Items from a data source
———
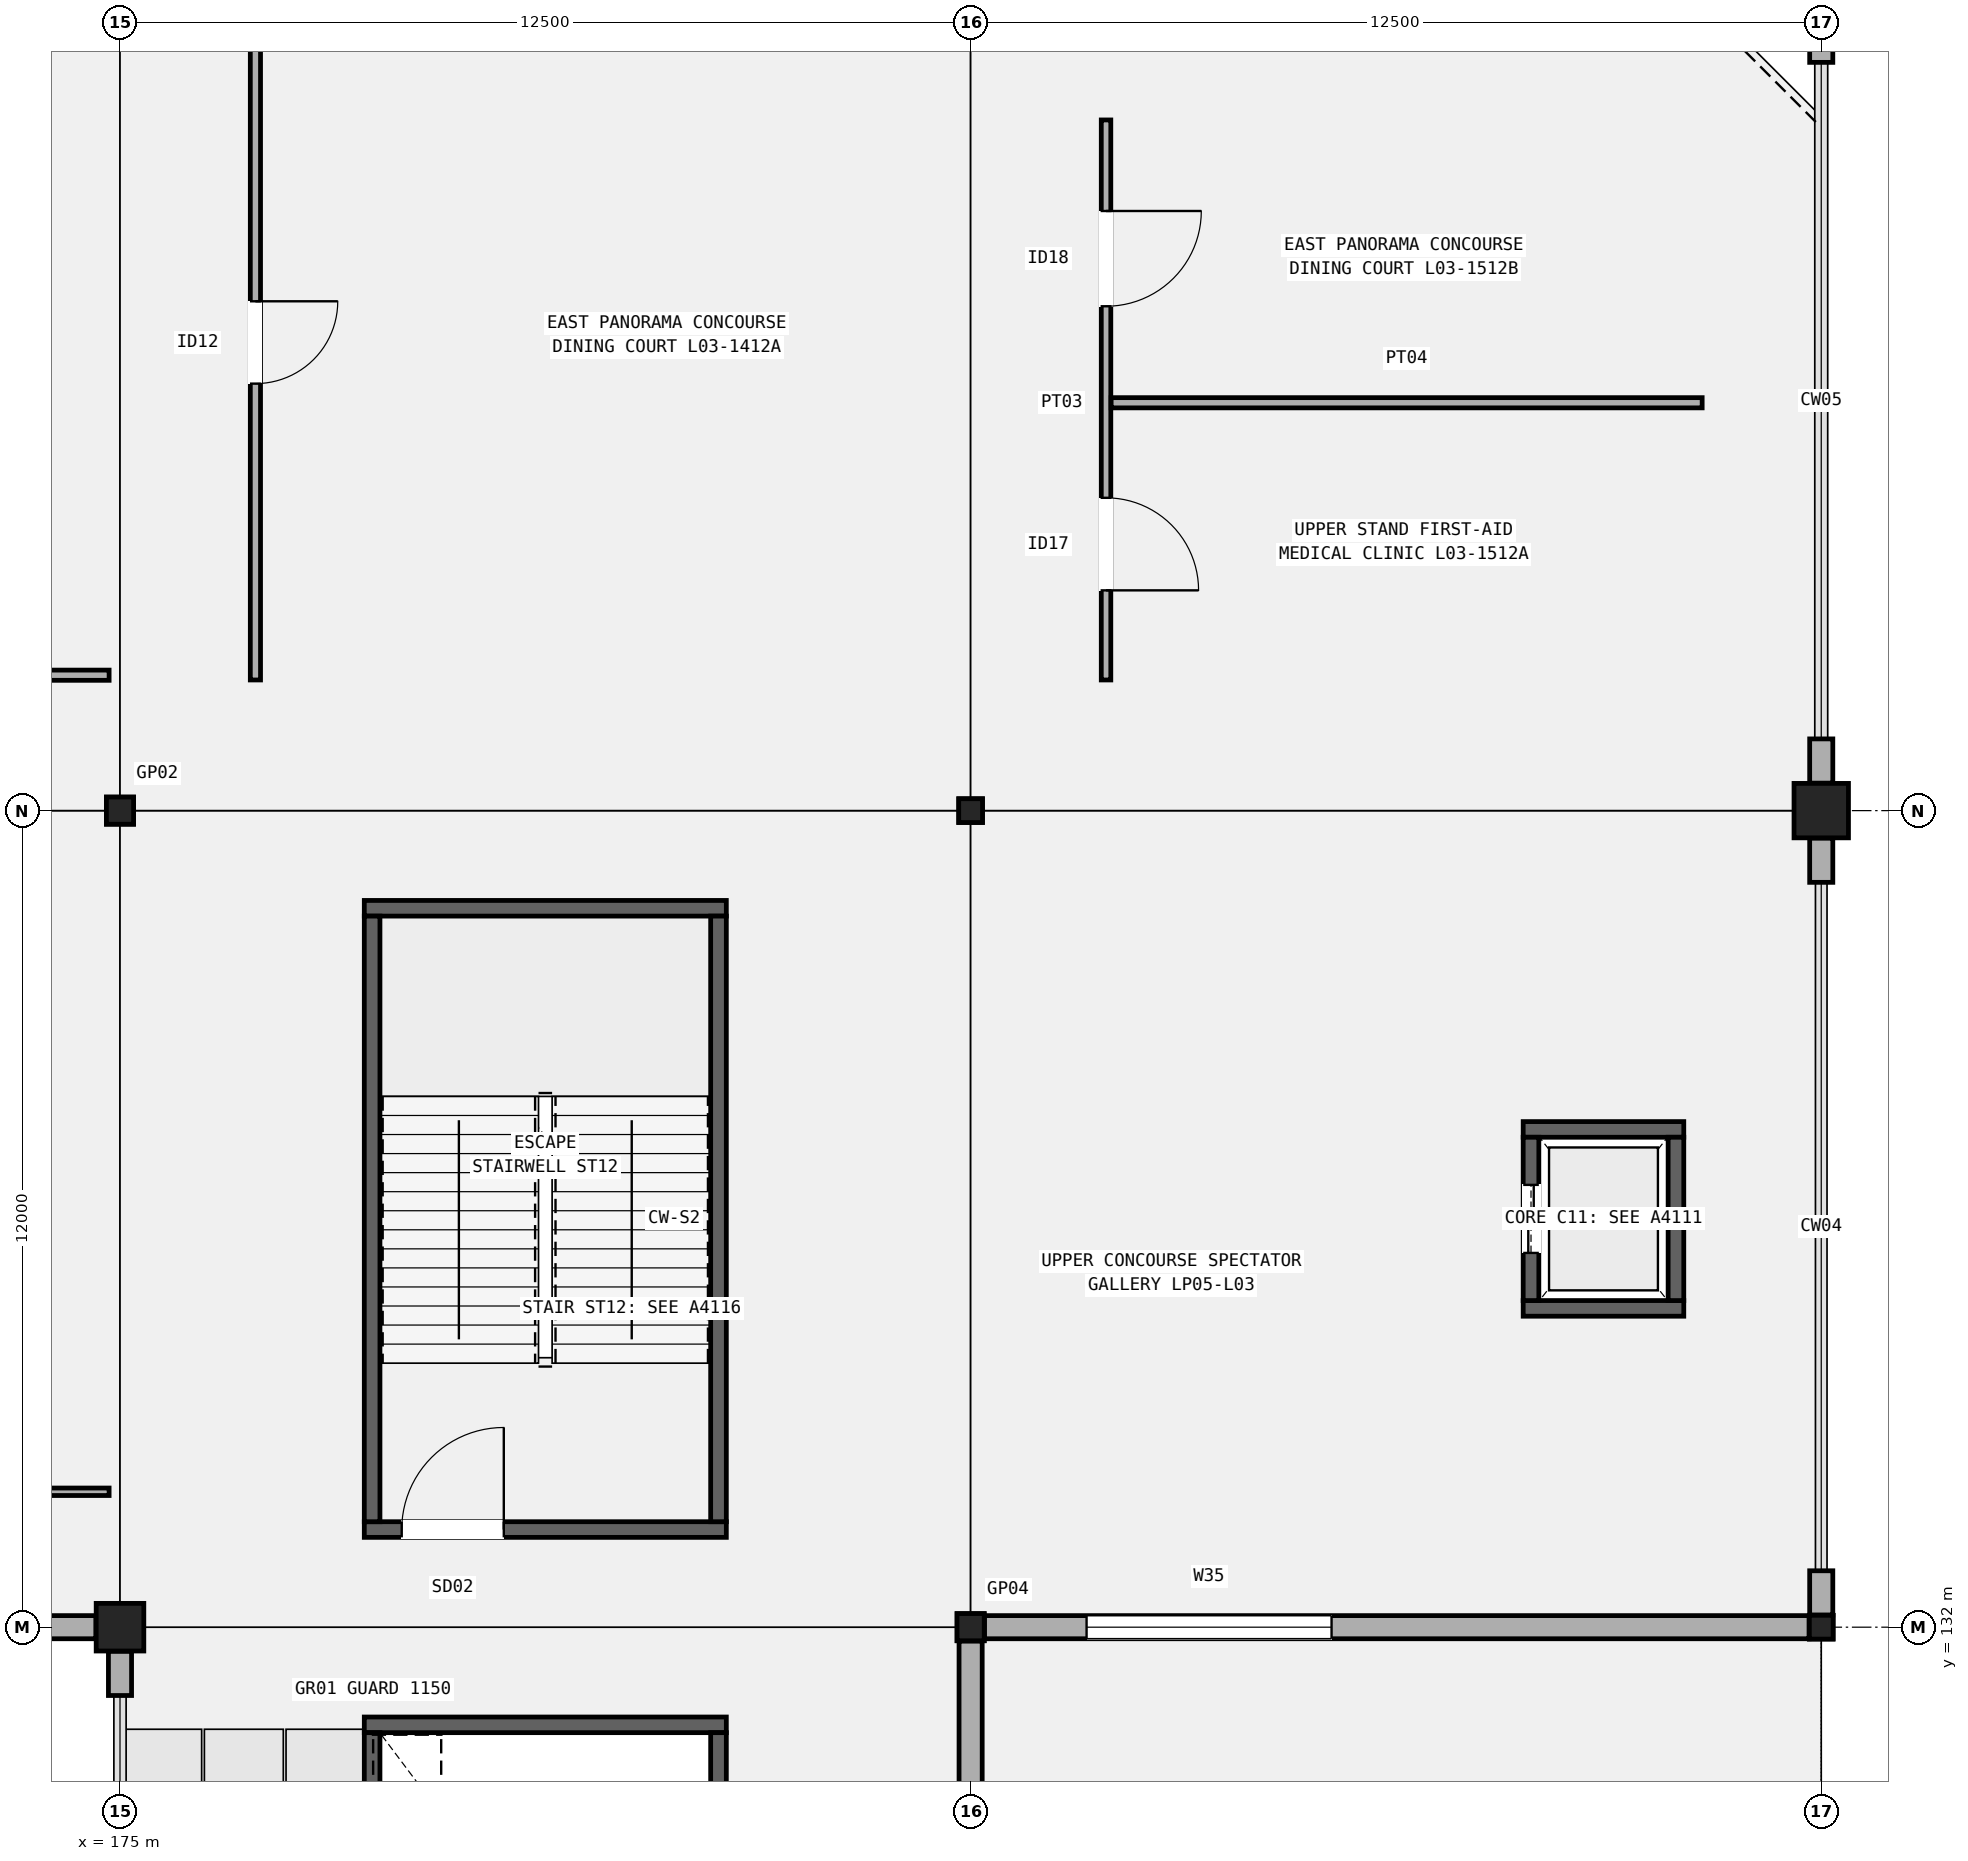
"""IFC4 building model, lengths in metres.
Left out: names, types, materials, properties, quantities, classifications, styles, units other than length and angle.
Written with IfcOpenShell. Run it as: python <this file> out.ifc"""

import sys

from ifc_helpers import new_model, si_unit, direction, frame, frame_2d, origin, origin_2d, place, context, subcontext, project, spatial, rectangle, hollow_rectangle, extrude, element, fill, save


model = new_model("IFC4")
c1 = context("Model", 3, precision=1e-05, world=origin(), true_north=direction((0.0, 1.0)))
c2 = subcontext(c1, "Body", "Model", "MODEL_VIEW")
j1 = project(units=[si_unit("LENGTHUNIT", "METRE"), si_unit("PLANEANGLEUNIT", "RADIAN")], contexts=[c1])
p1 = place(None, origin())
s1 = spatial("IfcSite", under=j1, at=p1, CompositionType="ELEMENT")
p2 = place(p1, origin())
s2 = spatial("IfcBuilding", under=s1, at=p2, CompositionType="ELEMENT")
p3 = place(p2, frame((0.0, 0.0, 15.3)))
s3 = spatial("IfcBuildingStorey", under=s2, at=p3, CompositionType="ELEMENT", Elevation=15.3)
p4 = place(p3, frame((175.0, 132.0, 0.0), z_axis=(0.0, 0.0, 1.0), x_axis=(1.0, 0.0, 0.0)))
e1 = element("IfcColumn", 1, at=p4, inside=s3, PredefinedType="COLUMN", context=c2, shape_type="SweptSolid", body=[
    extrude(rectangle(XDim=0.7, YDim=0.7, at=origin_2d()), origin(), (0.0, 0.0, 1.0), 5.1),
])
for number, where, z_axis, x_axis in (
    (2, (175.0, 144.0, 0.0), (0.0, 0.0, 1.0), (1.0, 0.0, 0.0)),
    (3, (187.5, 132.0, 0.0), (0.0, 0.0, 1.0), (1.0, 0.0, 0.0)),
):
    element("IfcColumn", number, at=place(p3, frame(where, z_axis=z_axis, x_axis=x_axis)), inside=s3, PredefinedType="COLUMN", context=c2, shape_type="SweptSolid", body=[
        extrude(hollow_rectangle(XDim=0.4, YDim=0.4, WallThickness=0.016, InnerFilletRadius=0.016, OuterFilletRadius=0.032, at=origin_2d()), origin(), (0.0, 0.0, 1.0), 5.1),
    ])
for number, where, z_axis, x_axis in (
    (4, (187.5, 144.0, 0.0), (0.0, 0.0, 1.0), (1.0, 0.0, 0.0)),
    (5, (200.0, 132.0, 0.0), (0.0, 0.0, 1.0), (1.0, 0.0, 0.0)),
———
_Action item_
The answer must match the entries above line for line, with the pictures dropped.

_Answer space_
"""IFC4 building model, lengths in metres.
Left out: names, types, materials, properties, quantities, classifications, styles, units other than length and angle.
Written with IfcOpenShell. Run it as: python <this file> out.ifc"""

import sys

from ifc_helpers import new_model, si_unit, direction, frame, frame_2d, origin, origin_2d, place, context, subcontext, project, spatial, rectangle, hollow_rectangle, extrude, element, fill, save


model = new_model("IFC4")
c1 = context("Model", 3, precision=1e-05, world=origin(), true_north=direction((0.0, 1.0)))
c2 = subcontext(c1, "Body", "Model", "MODEL_VIEW")
j1 = project(units=[si_unit("LENGTHUNIT", "METRE"), si_unit("PLANEANGLEUNIT", "RADIAN")], contexts=[c1])
p1 = place(None, origin())
s1 = spatial("IfcSite", under=j1, at=p1, CompositionType="ELEMENT")
p2 = place(p1, origin())
s2 = spatial("IfcBuilding", under=s1, at=p2, CompositionType="ELEMENT")
p3 = place(p2, frame((0.0, 0.0, 15.3)))
s3 = spatial("IfcBuildingStorey", under=s2, at=p3, CompositionType="ELEMENT", Elevation=15.3)
p4 = place(p3, frame((175.0, 132.0, 0.0), z_axis=(0.0, 0.0, 1.0), x_axis=(1.0, 0.0, 0.0)))
e1 = element("IfcColumn", 1, at=p4, inside=s3, PredefinedType="COLUMN", context=c2, shape_type="SweptSolid", body=[
    extrude(rectangle(XDim=0.7, YDim=0.7, at=origin_2d()), origin(), (0.0, 0.0, 1.0), 5.1),
])
for number, where, z_axis, x_axis in (
    (2, (175.0, 144.0, 0.0), (0.0, 0.0, 1.0), (1.0, 0.0, 0.0)),
    (3, (187.5, 132.0, 0.0), (0.0, 0.0, 1.0), (1.0, 0.0, 0.0)),
):
    element("IfcColumn", number, at=place(p3, frame(where, z_axis=z_axis, x_axis=x_axis)), inside=s3, PredefinedType="COLUMN", context=c2, shape_type="SweptSolid", body=[
        extrude(hollow_rectangle(XDim=0.4, YDim=0.4, WallThickness=0.016, InnerFilletRadius=0.016, OuterFilletRadius=0.032, at=origin_2d()), origin(), (0.0, 0.0, 1.0), 5.1),
    ])
for number, where, z_axis, x_axis in (
    (4, (187.5, 144.0, 0.0), (0.0, 0.0, 1.0), (1.0, 0.0, 0.0)),
    (5, (200.0, 132.0, 0.0), (0.0, 0.0, 1.0), (1.0, 0.0, 0.0)),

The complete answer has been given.